(Supplied data)

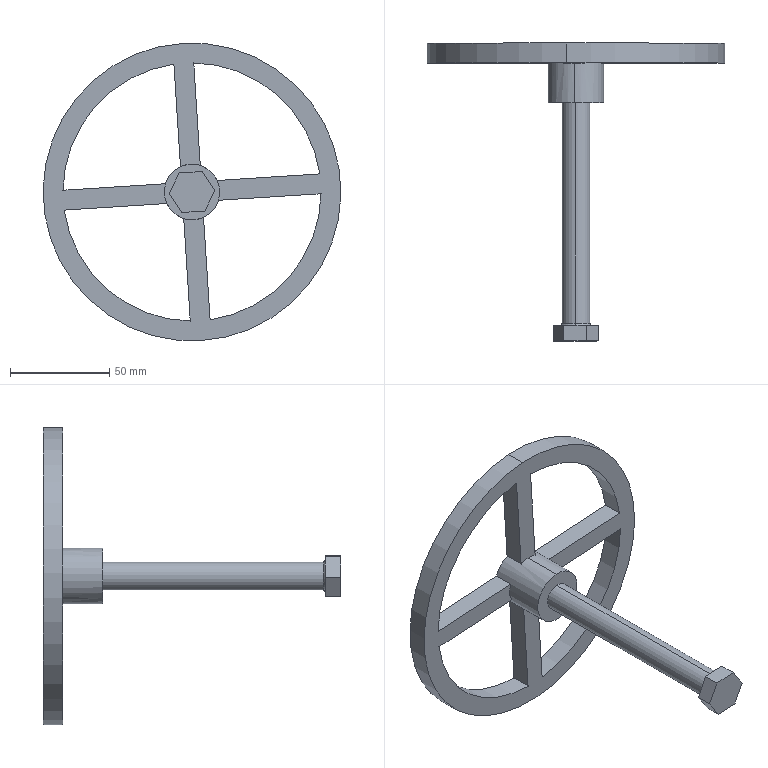Component | SolidWorks | adjuster roll-1 | 1 solid | 31 faces | box 150 x 150 x 150 mm | volume 102973 mm3 | plane 19 | cylinder 10 | torus 2 | commonest cylinder face diameters 130 x4 150 x2 28 x2 14 x2
STEP:
#1=COLOUR_RGB('',0.7922,0.8196,0.9333);
#2=FILL_AREA_STYLE_COLOUR('',#1);
#3=FILL_AREA_STYLE('',(#2));
#4=SURFACE_STYLE_FILL_AREA(#3);
#5=SURFACE_SIDE_STYLE('',(#4));
#6=SURFACE_STYLE_USAGE(.BOTH.,#5);
#7=PRESENTATION_STYLE_ASSIGNMENT((#6));
#8=CARTESIAN_POINT('',(-0.01998,5.433,1.102));
#9=VERTEX_POINT('',#8);
#10=CARTESIAN_POINT('',(0.01998,5.433,0.4731));
#11=VERTEX_POINT('',#10);
#12=CARTESIAN_POINT('',(0.,5.433,0.7874));
#13=DIRECTION('',(0.,-1.,0.));
#14=DIRECTION('',(0.06342,0.,-0.998));
#15=AXIS2_PLACEMENT_3D('',#12,#13,#14);
#16=CIRCLE('',#15,0.315);
#17=EDGE_CURVE('',#9,#11,#16,.T.);
#18=ORIENTED_EDGE('',*,*,#17,.F.);
#19=CARTESIAN_POINT('',(-0.01748,5.472,1.062));
#20=VERTEX_POINT('',#19);
#21=CARTESIAN_POINT('',(-0.01998,5.472,1.102));
#22=DIRECTION('',(0.998,0.,0.06342));
#23=DIRECTION('',(0.06342,0.,-0.998));
#24=AXIS2_PLACEMENT_3D('',#21,#22,#23);
#25=CIRCLE('',#24,0.03937);
#26=EDGE_CURVE('',#9,#20,#25,.T.);
#27=ORIENTED_EDGE('',*,*,#26,.T.);
#28=CARTESIAN_POINT('',(0.01748,5.472,0.5124));
#29=VERTEX_POINT('',#28);
#30=CARTESIAN_POINT('',(0.,5.472,0.7874));
#31=DIRECTION('',(0.,1.,0.));
#32=DIRECTION('',(0.06342,0.,-0.998));
#33=AXIS2_PLACEMENT_3D('',#30,#31,#32);
#34=CIRCLE('',#33,0.2756);
#35=EDGE_CURVE('',#29,#20,#34,.T.);
#36=ORIENTED_EDGE('',*,*,#35,.F.);
#37=CARTESIAN_POINT('',(0.01998,5.472,0.4731));
#38=DIRECTION('',(-0.998,0.,-0.06342));
#39=DIRECTION('',(-0.06342,0.,0.998));
#40=AXIS2_PLACEMENT_3D('',#37,#38,#39);
#41=CIRCLE('',#40,0.03937);
#42=EDGE_CURVE('',#11,#29,#41,.T.);
#43=ORIENTED_EDGE('',*,*,#42,.F.);
#44=EDGE_LOOP('',(#18,#27,#36,#43));
#45=FACE_OUTER_BOUND('',#44,.T.);
#46=CARTESIAN_POINT('',(0.,5.472,0.7874));
#47=DIRECTION('',(0.,-1.,0.));
#48=DIRECTION('',(0.06342,0.,-0.998));
#49=AXIS2_PLACEMENT_3D('',#46,#47,#48);
#50=TOROIDAL_SURFACE('',#49,0.315,0.03937);
#51=ADVANCED_FACE('',(#45),#50,.F.);
#52=CARTESIAN_POINT('',(-0.1873,11.024,3.734));
#53=VERTEX_POINT('',#52);
#54=CARTESIAN_POINT('',(0.1873,11.024,-2.159));
#55=VERTEX_POINT('',#54);
#56=CARTESIAN_POINT('',(0.,11.024,0.7874));
#57=DIRECTION('',(0.,1.,0.));
#58=DIRECTION('',(-0.06342,0.,0.998));
#59=AXIS2_PLACEMENT_3D('',#56,#57,#58);
#60=CIRCLE('',#59,2.953);
#61=EDGE_CURVE('',#53,#55,#60,.T.);
#62=ORIENTED_EDGE('',*,*,#61,.F.);
#63=CARTESIAN_POINT('',(-0.1873,10.63,3.734));
#64=VERTEX_POINT('',#63);
#65=CARTESIAN_POINT('',(-0.1873,11.024,3.734));
#66=DIRECTION('',(0.,-1.,0.));
#67=VECTOR('',#66,39.37);
#68=LINE('',#65,#67);
#69=EDGE_CURVE('',#53,#64,#68,.T.);
#70=ORIENTED_EDGE('',*,*,#69,.T.);
#71=CARTESIAN_POINT('',(0.1873,10.63,-2.159));
#72=VERTEX_POINT('',#71);
#73=CARTESIAN_POINT('',(0.,10.63,0.7874));
#74=DIRECTION('',(0.,1.,0.));
#75=DIRECTION('',(-0.06342,0.,0.998));
#76=AXIS2_PLACEMENT_3D('',#73,#74,#75);
#77=CIRCLE('',#76,2.953);
#78=EDGE_CURVE('',#64,#72,#77,.T.);
#79=ORIENTED_EDGE('',*,*,#78,.T.);
#80=CARTESIAN_POINT('',(0.1873,11.024,-2.159));
#81=DIRECTION('',(0.,-1.,0.));
#82=VECTOR('',#81,39.37);
#83=LINE('',#80,#82);
#84=EDGE_CURVE('',#55,#72,#83,.T.);
#85=ORIENTED_EDGE('',*,*,#84,.F.);
#86=EDGE_LOOP('',(#62,#70,#79,#85));
#87=FACE_OUTER_BOUND('',#86,.T.);
#88=CARTESIAN_POINT('',(0.,11.024,0.7874));
#89=DIRECTION('',(0.,-1.,0.));
#90=DIRECTION('',(0.06342,0.,-0.998));
#91=AXIS2_PLACEMENT_3D('',#88,#89,#90);
#92=CYLINDRICAL_SURFACE('',#91,2.953);
#93=ADVANCED_FACE('',(#87),#92,.T.);
#94=CARTESIAN_POINT('',(-0.03496,10.63,1.337));
#95=VERTEX_POINT('',#94);
#96=CARTESIAN_POINT('',(0.1638,10.63,1.314));
#97=VERTEX_POINT('',#96);
#98=CARTESIAN_POINT('',(0.,10.63,0.7874));
#99=DIRECTION('',(0.,1.,0.));
#100=DIRECTION('',(-0.06342,0.,0.998));
#101=AXIS2_PLACEMENT_3D('',#98,#99,#100);
#102=CIRCLE('',#101,0.5512);
#103=EDGE_CURVE('',#95,#97,#102,.T.);
#104=ORIENTED_EDGE('',*,*,#103,.F.);
#105=CARTESIAN_POINT('',(-0.03496,9.843,1.337));
#106=VERTEX_POINT('',#105);
#107=CARTESIAN_POINT('',(-0.03496,10.63,1.337));
#108=DIRECTION('',(0.,-1.,0.));
#109=VECTOR('',#108,39.37);
#110=LINE('',#107,#109);
#111=EDGE_CURVE('',#95,#106,#110,.T.);
#112=ORIENTED_EDGE('',*,*,#111,.T.);
#113=CARTESIAN_POINT('',(0.03496,9.843,0.2373));
#114=VERTEX_POINT('',#113);
#115=CARTESIAN_POINT('',(0.,9.843,0.7874));
#116=DIRECTION('',(0.,1.,0.));
#117=DIRECTION('',(-0.06342,0.,0.998));
#118=AXIS2_PLACEMENT_3D('',#115,#116,#117);
#119=CIRCLE('',#118,0.5512);
#120=EDGE_CURVE('',#106,#114,#119,.T.);
#121=ORIENTED_EDGE('',*,*,#120,.T.);
#122=CARTESIAN_POINT('',(0.03496,10.63,0.2373));
#123=VERTEX_POINT('',#122);
#124=CARTESIAN_POINT('',(0.03496,10.63,0.2373));
#125=DIRECTION('',(0.,-1.,0.));
#126=VECTOR('',#125,39.37);
#127=LINE('',#124,#126);
#128=EDGE_CURVE('',#123,#114,#127,.T.);
#129=ORIENTED_EDGE('',*,*,#128,.F.);
#130=CARTESIAN_POINT('',(0.2291,10.63,0.2861));
#131=VERTEX_POINT('',#130);
#132=CARTESIAN_POINT('',(0.,10.63,0.7874));
#133=DIRECTION('',(0.,1.,0.));
#134=DIRECTION('',(-0.06342,0.,0.998));
#135=AXIS2_PLACEMENT_3D('',#132,#133,#134);
#136=CIRCLE('',#135,0.5512);
#137=EDGE_CURVE('',#131,#123,#136,.T.);
#138=ORIENTED_EDGE('',*,*,#137,.F.);
#139=CARTESIAN_POINT('',(0.2291,11.024,0.2861));
#140=VERTEX_POINT('',#139);
#141=CARTESIAN_POINT('',(0.2291,11.024,0.2861));
#142=DIRECTION('',(0.,-1.,0.));
#143=VECTOR('',#142,39.37);
#144=LINE('',#141,#143);
#145=EDGE_CURVE('',#140,#131,#144,.T.);
#146=ORIENTED_EDGE('',*,*,#145,.F.);
#147=CARTESIAN_POINT('',(0.5263,11.024,0.6236));
#148=VERTEX_POINT('',#147);
#149=CARTESIAN_POINT('',(0.,11.024,0.7874));
#150=DIRECTION('',(0.,1.,0.));
#151=DIRECTION('',(-0.06342,0.,0.998));
#152=AXIS2_PLACEMENT_3D('',#149,#150,#151);
#153=CIRCLE('',#152,0.5512);
#154=EDGE_CURVE('',#148,#140,#153,.T.);
#155=ORIENTED_EDGE('',*,*,#154,.F.);
#156=CARTESIAN_POINT('',(0.5263,10.63,0.6236));
#157=VERTEX_POINT('',#156);
#158=CARTESIAN_POINT('',(0.5263,11.024,0.6236));
#159=DIRECTION('',(0.,-1.,0.));
#160=VECTOR('',#159,39.37);
#161=LINE('',#158,#160);
#162=EDGE_CURVE('',#148,#157,#161,.T.);
#163=ORIENTED_EDGE('',*,*,#162,.T.);
#164=CARTESIAN_POINT('',(0.5013,10.63,1.017));
#165=VERTEX_POINT('',#164);
#166=CARTESIAN_POINT('',(0.,10.63,0.7874));
#167=DIRECTION('',(0.,1.,0.));
#168=DIRECTION('',(-0.06342,0.,0.998));
#169=AXIS2_PLACEMENT_3D('',#166,#167,#168);
#170=CIRCLE('',#169,0.5512);
#171=EDGE_CURVE('',#165,#157,#170,.T.);
#172=ORIENTED_EDGE('',*,*,#171,.F.);
#173=CARTESIAN_POINT('',(0.5013,11.024,1.017));
#174=VERTEX_POINT('',#173);
#175=CARTESIAN_POINT('',(0.5013,11.024,1.017));
#176=DIRECTION('',(0.,-1.,0.));
#177=VECTOR('',#176,39.37);
#178=LINE('',#175,#177);
#179=EDGE_CURVE('',#174,#165,#178,.T.);
#180=ORIENTED_EDGE('',*,*,#179,.F.);
#181=CARTESIAN_POINT('',(0.1638,11.024,1.314));
#182=VERTEX_POINT('',#181);
#183=CARTESIAN_POINT('',(0.,11.024,0.7874));
#184=DIRECTION('',(0.,1.,0.));
#185=DIRECTION('',(-0.06342,0.,0.998));
#186=AXIS2_PLACEMENT_3D('',#183,#184,#185);
#187=CIRCLE('',#186,0.5512);
#188=EDGE_CURVE('',#182,#174,#187,.T.);
#189=ORIENTED_EDGE('',*,*,#188,.F.);
#190=CARTESIAN_POINT('',(0.1638,11.024,1.314));
#191=DIRECTION('',(0.,-1.,0.));
#192=VECTOR('',#191,39.37);
#193=LINE('',#190,#192);
#194=EDGE_CURVE('',#182,#97,#193,.T.);
#195=ORIENTED_EDGE('',*,*,#194,.T.);
#196=EDGE_LOOP('',(#104,#112,#121,#129,#138,#146,#155,#163,#172,#180,#189,#195));
#197=FACE_OUTER_BOUND('',#196,.T.);
#198=CARTESIAN_POINT('',(0.,10.63,0.7874));
#199=DIRECTION('',(0.,-1.,0.));
#200=DIRECTION('',(0.06342,0.,-0.998));
#201=AXIS2_PLACEMENT_3D('',#198,#199,#200);
#202=CYLINDRICAL_SURFACE('',#201,0.5512);
#203=ADVANCED_FACE('',(#197),#202,.T.);
#204=CARTESIAN_POINT('',(-0.01748,9.843,1.062));
#205=VERTEX_POINT('',#204);
#206=CARTESIAN_POINT('',(0.01748,9.843,0.5124));
#207=VERTEX_POINT('',#206);
#208=CARTESIAN_POINT('',(0.,9.843,0.7874));
#209=DIRECTION('',(0.,1.,0.));
#210=DIRECTION('',(-0.06342,0.,0.998));
#211=AXIS2_PLACEMENT_3D('',#208,#209,#210);
#212=CIRCLE('',#211,0.2756);
#213=EDGE_CURVE('',#205,#207,#212,.T.);
#214=ORIENTED_EDGE('',*,*,#213,.F.);
#215=CARTESIAN_POINT('',(-0.01748,9.843,1.062));
#216=DIRECTION('',(0.,-1.,0.));
#217=VECTOR('',#216,39.37);
#218=LINE('',#215,#217);
#219=EDGE_CURVE('',#205,#20,#218,.T.);
#220=ORIENTED_EDGE('',*,*,#219,.T.);
#221=CARTESIAN_POINT('',(0.,5.472,0.7874));
#222=DIRECTION('',(0.,1.,0.));
#223=DIRECTION('',(0.06342,0.,-0.998));
#224=AXIS2_PLACEMENT_3D('',#221,#222,#223);
#225=CIRCLE('',#224,0.2756);
#226=EDGE_CURVE('',#20,#29,#225,.T.);
#227=ORIENTED_EDGE('',*,*,#226,.T.);
#228=CARTESIAN_POINT('',(0.01748,9.843,0.5124));
#229=DIRECTION('',(0.,-1.,0.));
#230=VECTOR('',#229,39.37);
#231=LINE('',#228,#230);
#232=EDGE_CURVE('',#207,#29,#231,.T.);
#233=ORIENTED_EDGE('',*,*,#232,.F.);
#234=EDGE_LOOP('',(#214,#220,#227,#233));
#235=FACE_OUTER_BOUND('',#234,.T.);
#236=CARTESIAN_POINT('',(0.,9.843,0.7874));
#237=DIRECTION('',(0.,-1.,0.));
#238=DIRECTION('',(0.06342,0.,-0.998));
#239=AXIS2_PLACEMENT_3D('',#236,#237,#238);
#240=CYLINDRICAL_SURFACE('',#239,0.2756);
#241=ADVANCED_FACE('',(#235),#240,.T.);
#242=CARTESIAN_POINT('',(-0.1638,11.024,0.2611));
#243=VERTEX_POINT('',#242);
#244=CARTESIAN_POINT('',(-0.1638,10.63,0.2611));
#245=VERTEX_POINT('',#244);
#246=CARTESIAN_POINT('',(-0.1638,11.024,0.2611));
#247=DIRECTION('',(0.,-1.,0.));
#248=VECTOR('',#247,39.37);
#249=LINE('',#246,#248);
#250=EDGE_CURVE('',#243,#245,#249,.T.);
#251=ORIENTED_EDGE('',*,*,#250,.F.);
#252=CARTESIAN_POINT('',(-0.03463,11.024,-1.771));
#253=VERTEX_POINT('',#252);
#254=CARTESIAN_POINT('',(-0.1965,11.024,0.7749));
#255=DIRECTION('',(0.06342,0.,-0.998));
#256=VECTOR('',#255,39.37);
#257=LINE('',#254,#256);
#258=EDGE_CURVE('',#243,#253,#257,.T.);
#259=ORIENTED_EDGE('',*,*,#258,.T.);
#260=CARTESIAN_POINT('',(-0.03463,10.63,-1.771));
#261=VERTEX_POINT('',#260);
#262=CARTESIAN_POINT('',(-0.03463,7.3,-1.771));
#263=DIRECTION('',(0.,1.,0.));
#264=VECTOR('',#263,39.37);
#265=LINE('',#262,#264);
#266=EDGE_CURVE('',#261,#253,#265,.T.);
#267=ORIENTED_EDGE('',*,*,#266,.F.);
#268=CARTESIAN_POINT('',(-0.1965,10.63,0.7749));
#269=DIRECTION('',(-0.06342,0.,0.998));
#270=VECTOR('',#269,39.37);
#271=LINE('',#268,#270);
#272=EDGE_CURVE('',#261,#245,#271,.T.);
#273=ORIENTED_EDGE('',*,*,#272,.T.);
#274=EDGE_LOOP('',(#251,#259,#267,#273));
#275=FACE_OUTER_BOUND('',#274,.T.);
#276=CARTESIAN_POINT('',(-0.1965,7.3,0.7749));
#277=DIRECTION('',(0.998,0.,0.06342));
#278=DIRECTION('',(0.06342,0.,-0.998));
#279=AXIS2_PLACEMENT_3D('',#276,#277,#278);
#280=PLANE('',#279);
#281=ADVANCED_FACE('',(#275),#280,.F.);
#282=CARTESIAN_POINT('',(-0.5013,11.024,0.5583));
#283=VERTEX_POINT('',#282);
#284=CARTESIAN_POINT('',(-2.534,11.024,0.4291));
#285=VERTEX_POINT('',#284);
#286=CARTESIAN_POINT('',(0.01248,11.024,0.5909));
#287=DIRECTION('',(-0.998,0.,-0.06342));
#288=VECTOR('',#287,39.37);
#289=LINE('',#286,#288);
#290=EDGE_CURVE('',#283,#285,#289,.T.);
#291=ORIENTED_EDGE('',*,*,#290,.F.);
#292=CARTESIAN_POINT('',(-0.5013,10.63,0.5583));
#293=VERTEX_POINT('',#292);
#294=CARTESIAN_POINT('',(-0.5013,11.024,0.5583));
#295=DIRECTION('',(0.,-1.,0.));
#296=VECTOR('',#295,39.37);
#297=LINE('',#294,#296);
#298=EDGE_CURVE('',#283,#293,#297,.T.);
#299=ORIENTED_EDGE('',*,*,#298,.T.);
#300=CARTESIAN_POINT('',(-2.534,10.63,0.4291));
#301=VERTEX_POINT('',#300);
#302=CARTESIAN_POINT('',(0.01248,10.63,0.5909));
#303=DIRECTION('',(0.998,0.,0.06342));
#304=VECTOR('',#303,39.37);
#305=LINE('',#302,#304);
#306=EDGE_CURVE('',#301,#293,#305,.T.);
#307=ORIENTED_EDGE('',*,*,#306,.F.);
#308=CARTESIAN_POINT('',(-2.534,7.3,0.4291));
#309=DIRECTION('',(0.,1.,0.));
#310=VECTOR('',#309,39.37);
#311=LINE('',#308,#310);
#312=EDGE_CURVE('',#301,#285,#311,.T.);
#313=ORIENTED_EDGE('',*,*,#312,.T.);
#314=EDGE_LOOP('',(#291,#299,#307,#313));
#315=FACE_OUTER_BOUND('',#314,.T.);
#316=CARTESIAN_POINT('',(0.01248,7.3,0.5909));
#317=DIRECTION('',(0.06342,0.,-0.998));
#318=DIRECTION('',(-0.998,0.,-0.06342));
#319=AXIS2_PLACEMENT_3D('',#316,#317,#318);
#320=PLANE('',#319);
#321=ADVANCED_FACE('',(#315),#320,.T.);
#322=CARTESIAN_POINT('',(-0.5263,11.024,0.9512));
#323=VERTEX_POINT('',#322);
#324=CARTESIAN_POINT('',(-0.5263,10.63,0.9512));
#325=VERTEX_POINT('',#324);
#326=CARTESIAN_POINT('',(-0.5263,11.024,0.9512));
#327=DIRECTION('',(0.,-1.,0.));
#328=VECTOR('',#327,39.37);
#329=LINE('',#326,#328);
#330=EDGE_CURVE('',#323,#325,#329,.T.);
#331=ORIENTED_EDGE('',*,*,#330,.F.);
#332=CARTESIAN_POINT('',(-2.559,11.024,0.822));
#333=VERTEX_POINT('',#332);
#334=CARTESIAN_POINT('',(-0.01248,11.024,0.9839));
#335=DIRECTION('',(-0.998,0.,-0.06342));
#336=VECTOR('',#335,39.37);
#337=LINE('',#334,#336);
#338=EDGE_CURVE('',#323,#333,#337,.T.);
#339=ORIENTED_EDGE('',*,*,#338,.T.);
#340=CARTESIAN_POINT('',(-2.559,10.63,0.822));
#341=VERTEX_POINT('',#340);
#342=CARTESIAN_POINT('',(-2.559,7.3,0.822));
#343=DIRECTION('',(0.,1.,0.));
#344=VECTOR('',#343,39.37);
#345=LINE('',#342,#344);
#346=EDGE_CURVE('',#341,#333,#345,.T.);
#347=ORIENTED_EDGE('',*,*,#346,.F.);
#348=CARTESIAN_POINT('',(-0.01248,10.63,0.9839));
#349=DIRECTION('',(0.998,0.,0.06342));
#350=VECTOR('',#349,39.37);
#351=LINE('',#348,#350);
#352=EDGE_CURVE('',#341,#325,#351,.T.);
#353=ORIENTED_EDGE('',*,*,#352,.T.);
#354=EDGE_LOOP('',(#331,#339,#347,#353));
#355=FACE_OUTER_BOUND('',#354,.T.);
#356=CARTESIAN_POINT('',(-0.01248,7.3,0.9839));
#357=DIRECTION('',(0.06342,0.,-0.998));
#358=DIRECTION('',(-0.998,0.,-0.06342));
#359=AXIS2_PLACEMENT_3D('',#356,#357,#358);
#360=PLANE('',#359);
#361=ADVANCED_FACE('',(#355),#360,.F.);
#362=CARTESIAN_POINT('',(-0.2291,11.024,1.289));
#363=VERTEX_POINT('',#362);
#364=CARTESIAN_POINT('',(-0.3583,11.024,3.321));
#365=VERTEX_POINT('',#364);
#366=CARTESIAN_POINT('',(-0.1965,11.024,0.7749));
#367=DIRECTION('',(-0.06342,0.,0.998));
#368=VECTOR('',#367,39.37);
#369=LINE('',#366,#368);
#370=EDGE_CURVE('',#363,#365,#369,.T.);
#371=ORIENTED_EDGE('',*,*,#370,.F.);
#372=CARTESIAN_POINT('',(-0.2291,10.63,1.289));
#373=VERTEX_POINT('',#372);
#374=CARTESIAN_POINT('',(-0.2291,11.024,1.289));
#375=DIRECTION('',(0.,-1.,0.));
#376=VECTOR('',#375,39.37);
#377=LINE('',#374,#376);
#378=EDGE_CURVE('',#363,#373,#377,.T.);
#379=ORIENTED_EDGE('',*,*,#378,.T.);
#380=CARTESIAN_POINT('',(-0.3583,10.63,3.321));
#381=VERTEX_POINT('',#380);
#382=CARTESIAN_POINT('',(-0.1965,10.63,0.7749));
#383=DIRECTION('',(0.06342,0.,-0.998));
#384=VECTOR('',#383,39.37);
#385=LINE('',#382,#384);
#386=EDGE_CURVE('',#381,#373,#385,.T.);
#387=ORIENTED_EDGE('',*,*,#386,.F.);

(End Supplied data)

Assigned task:
Reproduce exactly the lines above from the line with "#3=FILL_AREA_STYLE('',(#2));" to the line with "#9=VERTEX_POINT('',#8);", including both, and add nothing.

Solution to the problem:
#3=FILL_AREA_STYLE('',(#2));
#4=SURFACE_STYLE_FILL_AREA(#3);
#5=SURFACE_SIDE_STYLE('',(#4));
#6=SURFACE_STYLE_USAGE(.BOTH.,#5);
#7=PRESENTATION_STYLE_ASSIGNMENT((#6));
#8=CARTESIAN_POINT('',(-0.01998,5.433,1.102));
#9=VERTEX_POINT('',#8);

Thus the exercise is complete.